WHAT YOU ARE ASKED TO DO -
In the material below, the required lines run from the one containing "#98=CARTESIAN_POINT('',(-0.006994,1.693,-1.099));" through the one containing "#105=VERTEX_POINT('',#104);". Copy those lines exactly, ends included, and nothing else.

---*---

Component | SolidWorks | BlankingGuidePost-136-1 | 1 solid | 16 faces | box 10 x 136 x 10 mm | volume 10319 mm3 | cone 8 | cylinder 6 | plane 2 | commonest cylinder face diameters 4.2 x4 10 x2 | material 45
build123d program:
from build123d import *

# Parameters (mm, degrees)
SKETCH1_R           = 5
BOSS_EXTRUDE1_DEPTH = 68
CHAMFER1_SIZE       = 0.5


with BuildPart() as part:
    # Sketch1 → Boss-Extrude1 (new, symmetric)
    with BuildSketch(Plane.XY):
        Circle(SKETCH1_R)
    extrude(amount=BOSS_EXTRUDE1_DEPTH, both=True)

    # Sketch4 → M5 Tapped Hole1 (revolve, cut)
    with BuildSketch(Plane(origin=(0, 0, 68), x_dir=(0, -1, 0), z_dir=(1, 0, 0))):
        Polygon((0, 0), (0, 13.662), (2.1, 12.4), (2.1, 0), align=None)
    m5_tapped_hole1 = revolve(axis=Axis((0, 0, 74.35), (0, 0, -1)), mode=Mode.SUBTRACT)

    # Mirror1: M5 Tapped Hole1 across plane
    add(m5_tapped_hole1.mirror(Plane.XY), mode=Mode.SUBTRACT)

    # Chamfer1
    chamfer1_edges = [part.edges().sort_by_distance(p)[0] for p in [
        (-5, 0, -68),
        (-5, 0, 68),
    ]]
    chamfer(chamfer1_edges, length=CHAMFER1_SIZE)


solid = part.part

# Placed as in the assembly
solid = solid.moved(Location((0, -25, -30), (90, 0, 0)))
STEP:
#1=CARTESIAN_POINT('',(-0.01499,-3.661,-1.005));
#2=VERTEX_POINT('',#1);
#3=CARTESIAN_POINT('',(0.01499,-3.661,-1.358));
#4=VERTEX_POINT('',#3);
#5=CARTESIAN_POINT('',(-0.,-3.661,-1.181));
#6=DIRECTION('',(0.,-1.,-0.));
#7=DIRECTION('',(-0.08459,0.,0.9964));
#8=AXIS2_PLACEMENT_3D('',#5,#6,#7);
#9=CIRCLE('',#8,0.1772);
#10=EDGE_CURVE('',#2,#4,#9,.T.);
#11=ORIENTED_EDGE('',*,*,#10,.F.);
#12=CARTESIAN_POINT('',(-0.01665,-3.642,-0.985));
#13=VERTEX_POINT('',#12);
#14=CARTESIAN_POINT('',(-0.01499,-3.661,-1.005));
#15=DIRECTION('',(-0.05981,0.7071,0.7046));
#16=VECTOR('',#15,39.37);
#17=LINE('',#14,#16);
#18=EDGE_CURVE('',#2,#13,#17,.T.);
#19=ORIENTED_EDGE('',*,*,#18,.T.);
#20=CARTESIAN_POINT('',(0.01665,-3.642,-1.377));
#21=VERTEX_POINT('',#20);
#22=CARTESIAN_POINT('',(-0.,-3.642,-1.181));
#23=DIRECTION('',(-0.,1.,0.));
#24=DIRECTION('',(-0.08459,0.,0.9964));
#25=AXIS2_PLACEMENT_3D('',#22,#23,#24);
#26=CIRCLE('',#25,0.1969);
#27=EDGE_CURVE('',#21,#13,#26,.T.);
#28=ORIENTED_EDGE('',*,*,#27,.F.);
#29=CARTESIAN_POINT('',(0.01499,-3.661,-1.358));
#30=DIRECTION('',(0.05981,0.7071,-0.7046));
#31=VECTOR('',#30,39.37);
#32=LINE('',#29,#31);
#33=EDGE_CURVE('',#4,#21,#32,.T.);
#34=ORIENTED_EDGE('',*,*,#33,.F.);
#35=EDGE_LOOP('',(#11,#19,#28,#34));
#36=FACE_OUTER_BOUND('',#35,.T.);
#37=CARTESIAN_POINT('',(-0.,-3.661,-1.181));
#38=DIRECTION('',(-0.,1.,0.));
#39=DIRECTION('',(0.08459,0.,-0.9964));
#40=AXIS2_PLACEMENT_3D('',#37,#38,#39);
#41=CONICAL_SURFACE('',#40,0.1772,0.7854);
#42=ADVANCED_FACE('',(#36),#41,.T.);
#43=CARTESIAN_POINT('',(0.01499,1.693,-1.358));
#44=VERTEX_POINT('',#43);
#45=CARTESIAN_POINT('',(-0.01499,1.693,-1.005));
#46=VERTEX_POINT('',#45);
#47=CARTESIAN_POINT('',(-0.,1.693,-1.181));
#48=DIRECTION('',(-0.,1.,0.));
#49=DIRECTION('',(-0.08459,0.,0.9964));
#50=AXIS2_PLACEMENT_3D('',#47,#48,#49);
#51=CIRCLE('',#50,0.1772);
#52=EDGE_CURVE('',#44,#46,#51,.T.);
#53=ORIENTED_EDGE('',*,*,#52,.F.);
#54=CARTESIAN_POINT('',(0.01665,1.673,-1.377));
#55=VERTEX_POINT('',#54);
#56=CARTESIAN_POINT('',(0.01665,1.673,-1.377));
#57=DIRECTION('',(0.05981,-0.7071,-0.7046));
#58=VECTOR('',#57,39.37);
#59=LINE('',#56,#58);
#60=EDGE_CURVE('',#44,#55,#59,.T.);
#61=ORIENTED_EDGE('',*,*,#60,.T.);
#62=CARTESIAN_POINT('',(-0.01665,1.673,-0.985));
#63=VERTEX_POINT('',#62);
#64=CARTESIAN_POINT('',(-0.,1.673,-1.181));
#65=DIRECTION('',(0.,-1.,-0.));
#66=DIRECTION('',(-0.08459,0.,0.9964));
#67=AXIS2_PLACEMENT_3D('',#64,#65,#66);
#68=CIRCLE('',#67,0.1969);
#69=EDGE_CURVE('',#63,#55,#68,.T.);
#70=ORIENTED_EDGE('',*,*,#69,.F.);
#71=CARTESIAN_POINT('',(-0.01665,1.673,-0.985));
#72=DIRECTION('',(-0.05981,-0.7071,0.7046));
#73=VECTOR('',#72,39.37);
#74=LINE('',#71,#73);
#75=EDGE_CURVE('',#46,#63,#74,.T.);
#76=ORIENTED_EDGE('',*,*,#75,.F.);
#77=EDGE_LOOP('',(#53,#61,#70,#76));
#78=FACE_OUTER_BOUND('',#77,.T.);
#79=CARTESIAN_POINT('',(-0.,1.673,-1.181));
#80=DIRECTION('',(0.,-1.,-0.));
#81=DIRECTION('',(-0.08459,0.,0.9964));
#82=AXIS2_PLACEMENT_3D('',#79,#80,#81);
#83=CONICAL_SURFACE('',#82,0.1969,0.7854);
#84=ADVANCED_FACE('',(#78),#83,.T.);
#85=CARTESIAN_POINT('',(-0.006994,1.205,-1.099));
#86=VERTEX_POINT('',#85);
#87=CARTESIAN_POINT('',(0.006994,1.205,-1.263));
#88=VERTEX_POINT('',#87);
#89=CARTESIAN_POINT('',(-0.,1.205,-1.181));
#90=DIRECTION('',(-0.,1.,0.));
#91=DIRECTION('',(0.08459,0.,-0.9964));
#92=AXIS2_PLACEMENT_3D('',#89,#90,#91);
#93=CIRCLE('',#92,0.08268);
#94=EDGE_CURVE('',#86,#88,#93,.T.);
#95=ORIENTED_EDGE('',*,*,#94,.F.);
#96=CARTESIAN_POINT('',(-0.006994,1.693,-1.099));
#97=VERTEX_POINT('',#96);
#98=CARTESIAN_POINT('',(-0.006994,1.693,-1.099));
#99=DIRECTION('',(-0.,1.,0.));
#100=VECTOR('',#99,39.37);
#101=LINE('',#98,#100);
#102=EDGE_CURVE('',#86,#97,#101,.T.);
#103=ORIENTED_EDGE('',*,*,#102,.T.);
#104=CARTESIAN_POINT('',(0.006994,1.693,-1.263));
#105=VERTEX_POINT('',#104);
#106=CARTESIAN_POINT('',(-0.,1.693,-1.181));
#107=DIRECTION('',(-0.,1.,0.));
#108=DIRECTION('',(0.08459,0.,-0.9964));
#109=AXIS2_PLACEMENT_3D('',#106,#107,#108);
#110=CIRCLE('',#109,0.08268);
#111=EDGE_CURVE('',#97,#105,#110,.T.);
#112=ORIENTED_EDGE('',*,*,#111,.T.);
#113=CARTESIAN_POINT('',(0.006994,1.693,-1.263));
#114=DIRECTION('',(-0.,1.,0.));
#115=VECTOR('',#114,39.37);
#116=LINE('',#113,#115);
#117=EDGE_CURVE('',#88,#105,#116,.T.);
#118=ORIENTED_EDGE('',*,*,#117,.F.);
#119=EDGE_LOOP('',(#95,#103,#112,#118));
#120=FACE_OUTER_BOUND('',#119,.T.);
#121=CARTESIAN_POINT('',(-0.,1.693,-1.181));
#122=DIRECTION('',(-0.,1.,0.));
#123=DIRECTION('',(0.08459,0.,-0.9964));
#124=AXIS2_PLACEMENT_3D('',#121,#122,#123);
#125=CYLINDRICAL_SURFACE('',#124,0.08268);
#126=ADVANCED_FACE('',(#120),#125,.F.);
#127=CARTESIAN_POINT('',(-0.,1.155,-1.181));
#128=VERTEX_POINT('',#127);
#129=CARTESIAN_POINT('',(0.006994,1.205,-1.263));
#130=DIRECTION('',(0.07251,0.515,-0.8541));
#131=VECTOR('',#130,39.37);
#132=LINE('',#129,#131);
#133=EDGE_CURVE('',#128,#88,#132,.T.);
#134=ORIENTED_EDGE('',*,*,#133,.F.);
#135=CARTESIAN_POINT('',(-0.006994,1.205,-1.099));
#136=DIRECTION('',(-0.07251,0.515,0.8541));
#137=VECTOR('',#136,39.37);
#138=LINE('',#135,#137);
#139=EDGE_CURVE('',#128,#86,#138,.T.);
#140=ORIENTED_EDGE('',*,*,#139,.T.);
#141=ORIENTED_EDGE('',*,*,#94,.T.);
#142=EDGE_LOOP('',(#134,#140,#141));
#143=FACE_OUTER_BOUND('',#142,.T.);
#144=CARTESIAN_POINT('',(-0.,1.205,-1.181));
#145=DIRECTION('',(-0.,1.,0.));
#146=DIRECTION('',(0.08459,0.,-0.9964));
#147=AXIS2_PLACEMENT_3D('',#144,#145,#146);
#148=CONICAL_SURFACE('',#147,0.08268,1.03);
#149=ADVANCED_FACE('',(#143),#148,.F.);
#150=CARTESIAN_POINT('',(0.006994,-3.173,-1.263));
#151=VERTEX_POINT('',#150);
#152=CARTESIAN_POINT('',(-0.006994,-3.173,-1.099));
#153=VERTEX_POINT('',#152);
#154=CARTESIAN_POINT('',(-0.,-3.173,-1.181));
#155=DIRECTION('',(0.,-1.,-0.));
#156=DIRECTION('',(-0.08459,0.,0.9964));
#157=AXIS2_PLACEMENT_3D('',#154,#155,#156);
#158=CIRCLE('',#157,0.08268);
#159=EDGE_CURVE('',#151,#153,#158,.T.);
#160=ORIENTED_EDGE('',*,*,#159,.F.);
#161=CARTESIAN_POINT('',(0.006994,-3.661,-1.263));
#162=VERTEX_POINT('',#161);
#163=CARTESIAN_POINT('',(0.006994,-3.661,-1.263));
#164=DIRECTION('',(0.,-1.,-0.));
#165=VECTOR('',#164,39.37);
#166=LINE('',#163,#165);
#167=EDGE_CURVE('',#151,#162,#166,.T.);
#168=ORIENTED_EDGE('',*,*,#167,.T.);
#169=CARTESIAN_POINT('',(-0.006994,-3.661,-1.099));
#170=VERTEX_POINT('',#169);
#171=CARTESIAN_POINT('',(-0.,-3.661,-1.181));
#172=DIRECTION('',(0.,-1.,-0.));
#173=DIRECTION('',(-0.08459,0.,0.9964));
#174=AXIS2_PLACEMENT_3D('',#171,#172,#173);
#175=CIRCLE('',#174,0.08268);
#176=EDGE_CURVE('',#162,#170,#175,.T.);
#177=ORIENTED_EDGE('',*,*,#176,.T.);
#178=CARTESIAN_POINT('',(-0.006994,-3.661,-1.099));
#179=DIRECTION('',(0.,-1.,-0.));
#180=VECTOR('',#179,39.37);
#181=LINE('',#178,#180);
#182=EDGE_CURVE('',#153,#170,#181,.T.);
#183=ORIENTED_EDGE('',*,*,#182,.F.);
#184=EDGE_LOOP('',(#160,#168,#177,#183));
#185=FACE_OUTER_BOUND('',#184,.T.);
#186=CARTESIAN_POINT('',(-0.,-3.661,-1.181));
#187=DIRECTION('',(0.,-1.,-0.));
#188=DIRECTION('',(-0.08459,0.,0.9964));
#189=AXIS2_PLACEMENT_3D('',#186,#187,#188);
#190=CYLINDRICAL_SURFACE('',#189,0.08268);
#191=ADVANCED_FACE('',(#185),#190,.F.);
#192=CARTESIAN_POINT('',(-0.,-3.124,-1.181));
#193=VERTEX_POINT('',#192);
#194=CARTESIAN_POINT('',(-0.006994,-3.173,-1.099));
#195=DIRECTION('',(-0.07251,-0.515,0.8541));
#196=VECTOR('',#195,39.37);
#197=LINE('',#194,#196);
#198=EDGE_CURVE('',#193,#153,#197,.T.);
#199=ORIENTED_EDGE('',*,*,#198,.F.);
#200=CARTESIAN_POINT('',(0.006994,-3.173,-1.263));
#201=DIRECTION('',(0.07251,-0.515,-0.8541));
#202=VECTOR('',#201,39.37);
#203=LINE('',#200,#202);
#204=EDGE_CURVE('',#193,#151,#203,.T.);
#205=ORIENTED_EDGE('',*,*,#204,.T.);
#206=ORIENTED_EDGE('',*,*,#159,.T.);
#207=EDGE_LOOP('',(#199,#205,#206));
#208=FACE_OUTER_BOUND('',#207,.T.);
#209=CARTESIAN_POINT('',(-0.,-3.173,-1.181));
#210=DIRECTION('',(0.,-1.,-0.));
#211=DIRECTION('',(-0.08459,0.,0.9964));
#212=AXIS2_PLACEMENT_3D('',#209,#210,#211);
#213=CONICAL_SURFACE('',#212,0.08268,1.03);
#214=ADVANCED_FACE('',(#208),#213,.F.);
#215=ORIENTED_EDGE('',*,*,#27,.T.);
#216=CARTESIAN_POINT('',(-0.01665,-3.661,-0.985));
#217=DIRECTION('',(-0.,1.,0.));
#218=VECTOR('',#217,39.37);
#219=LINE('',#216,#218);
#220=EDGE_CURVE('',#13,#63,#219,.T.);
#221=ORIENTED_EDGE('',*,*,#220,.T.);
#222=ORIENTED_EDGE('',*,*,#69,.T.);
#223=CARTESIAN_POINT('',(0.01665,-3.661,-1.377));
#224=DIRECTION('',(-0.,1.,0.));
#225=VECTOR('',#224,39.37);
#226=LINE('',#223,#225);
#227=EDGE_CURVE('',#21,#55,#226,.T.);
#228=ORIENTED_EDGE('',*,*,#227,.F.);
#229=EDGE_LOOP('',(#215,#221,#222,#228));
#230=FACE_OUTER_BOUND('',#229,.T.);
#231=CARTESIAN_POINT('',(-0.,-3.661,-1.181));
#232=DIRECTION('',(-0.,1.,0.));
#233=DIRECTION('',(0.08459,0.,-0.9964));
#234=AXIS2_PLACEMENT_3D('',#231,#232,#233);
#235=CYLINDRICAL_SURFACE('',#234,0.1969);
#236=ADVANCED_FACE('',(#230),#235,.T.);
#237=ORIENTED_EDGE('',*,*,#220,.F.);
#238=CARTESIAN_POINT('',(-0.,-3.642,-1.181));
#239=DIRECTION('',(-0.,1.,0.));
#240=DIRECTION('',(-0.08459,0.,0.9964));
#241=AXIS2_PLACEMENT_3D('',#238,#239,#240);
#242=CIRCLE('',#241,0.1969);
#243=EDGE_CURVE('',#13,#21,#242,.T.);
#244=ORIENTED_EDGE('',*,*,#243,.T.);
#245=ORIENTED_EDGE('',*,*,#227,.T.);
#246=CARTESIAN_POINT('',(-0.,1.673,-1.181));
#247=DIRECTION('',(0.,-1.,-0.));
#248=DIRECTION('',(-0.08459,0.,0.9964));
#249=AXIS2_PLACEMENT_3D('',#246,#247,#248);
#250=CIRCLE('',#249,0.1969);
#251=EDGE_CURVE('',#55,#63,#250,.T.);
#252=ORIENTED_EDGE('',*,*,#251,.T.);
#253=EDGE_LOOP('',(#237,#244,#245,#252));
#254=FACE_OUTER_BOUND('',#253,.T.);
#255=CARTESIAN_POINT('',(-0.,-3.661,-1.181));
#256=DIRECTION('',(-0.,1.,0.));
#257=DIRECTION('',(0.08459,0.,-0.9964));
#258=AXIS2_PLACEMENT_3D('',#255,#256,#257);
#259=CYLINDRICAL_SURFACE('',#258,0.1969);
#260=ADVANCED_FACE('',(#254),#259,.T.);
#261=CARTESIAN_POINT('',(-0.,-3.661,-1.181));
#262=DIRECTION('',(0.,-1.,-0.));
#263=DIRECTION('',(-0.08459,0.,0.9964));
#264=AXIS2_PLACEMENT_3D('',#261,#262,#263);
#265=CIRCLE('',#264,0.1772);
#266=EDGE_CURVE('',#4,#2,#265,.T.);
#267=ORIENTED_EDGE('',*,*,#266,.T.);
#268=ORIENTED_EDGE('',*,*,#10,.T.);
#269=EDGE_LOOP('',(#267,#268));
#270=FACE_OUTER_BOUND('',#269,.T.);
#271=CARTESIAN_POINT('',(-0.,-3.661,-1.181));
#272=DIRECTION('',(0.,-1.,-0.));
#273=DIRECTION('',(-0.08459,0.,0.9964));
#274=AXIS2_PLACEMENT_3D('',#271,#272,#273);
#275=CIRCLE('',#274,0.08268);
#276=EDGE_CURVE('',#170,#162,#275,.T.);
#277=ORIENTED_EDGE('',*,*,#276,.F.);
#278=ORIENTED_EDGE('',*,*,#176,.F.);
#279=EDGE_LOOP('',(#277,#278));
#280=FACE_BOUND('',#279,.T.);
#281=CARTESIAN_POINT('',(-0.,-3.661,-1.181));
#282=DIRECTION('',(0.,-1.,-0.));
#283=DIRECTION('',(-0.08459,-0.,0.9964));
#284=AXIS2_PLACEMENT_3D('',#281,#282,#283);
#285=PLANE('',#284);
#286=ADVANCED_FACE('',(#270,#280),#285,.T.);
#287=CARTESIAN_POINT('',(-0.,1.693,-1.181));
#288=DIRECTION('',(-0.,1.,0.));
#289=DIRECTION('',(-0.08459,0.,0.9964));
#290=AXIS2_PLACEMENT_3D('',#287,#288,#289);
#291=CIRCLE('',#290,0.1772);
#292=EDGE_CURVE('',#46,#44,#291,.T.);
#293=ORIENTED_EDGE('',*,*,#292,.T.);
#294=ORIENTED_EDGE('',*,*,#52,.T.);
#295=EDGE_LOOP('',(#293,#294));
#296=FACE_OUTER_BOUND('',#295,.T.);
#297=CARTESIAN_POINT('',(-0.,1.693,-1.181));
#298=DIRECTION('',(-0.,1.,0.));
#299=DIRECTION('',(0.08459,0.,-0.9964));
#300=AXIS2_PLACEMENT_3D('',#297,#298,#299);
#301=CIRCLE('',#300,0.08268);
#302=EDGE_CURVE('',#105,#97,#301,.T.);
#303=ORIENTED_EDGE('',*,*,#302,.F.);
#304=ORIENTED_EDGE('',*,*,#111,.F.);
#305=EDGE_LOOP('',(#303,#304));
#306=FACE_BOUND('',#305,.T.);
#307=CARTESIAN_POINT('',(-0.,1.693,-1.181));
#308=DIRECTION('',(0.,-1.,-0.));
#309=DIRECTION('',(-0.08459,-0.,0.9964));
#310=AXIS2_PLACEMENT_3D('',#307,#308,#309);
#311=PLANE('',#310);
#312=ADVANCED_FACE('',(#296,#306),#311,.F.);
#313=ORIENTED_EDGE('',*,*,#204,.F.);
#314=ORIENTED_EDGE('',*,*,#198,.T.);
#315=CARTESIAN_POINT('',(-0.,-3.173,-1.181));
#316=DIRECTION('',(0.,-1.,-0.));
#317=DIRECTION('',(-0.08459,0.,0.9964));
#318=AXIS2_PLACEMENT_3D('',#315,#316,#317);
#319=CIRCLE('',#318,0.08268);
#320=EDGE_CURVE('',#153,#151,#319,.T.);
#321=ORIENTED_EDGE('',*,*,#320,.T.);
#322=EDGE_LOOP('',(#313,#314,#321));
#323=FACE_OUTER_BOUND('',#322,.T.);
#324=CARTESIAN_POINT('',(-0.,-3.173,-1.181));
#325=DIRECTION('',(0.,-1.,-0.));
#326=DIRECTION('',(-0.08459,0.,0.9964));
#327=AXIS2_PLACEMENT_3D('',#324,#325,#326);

---*---

SOLVED PROBLEM -
#98=CARTESIAN_POINT('',(-0.006994,1.693,-1.099));
#99=DIRECTION('',(-0.,1.,0.));
#100=VECTOR('',#99,39.37);
#101=LINE('',#98,#100);
#102=EDGE_CURVE('',#86,#97,#101,.T.);
#103=ORIENTED_EDGE('',*,*,#102,.T.);
#104=CARTESIAN_POINT('',(0.006994,1.693,-1.263));
#105=VERTEX_POINT('',#104);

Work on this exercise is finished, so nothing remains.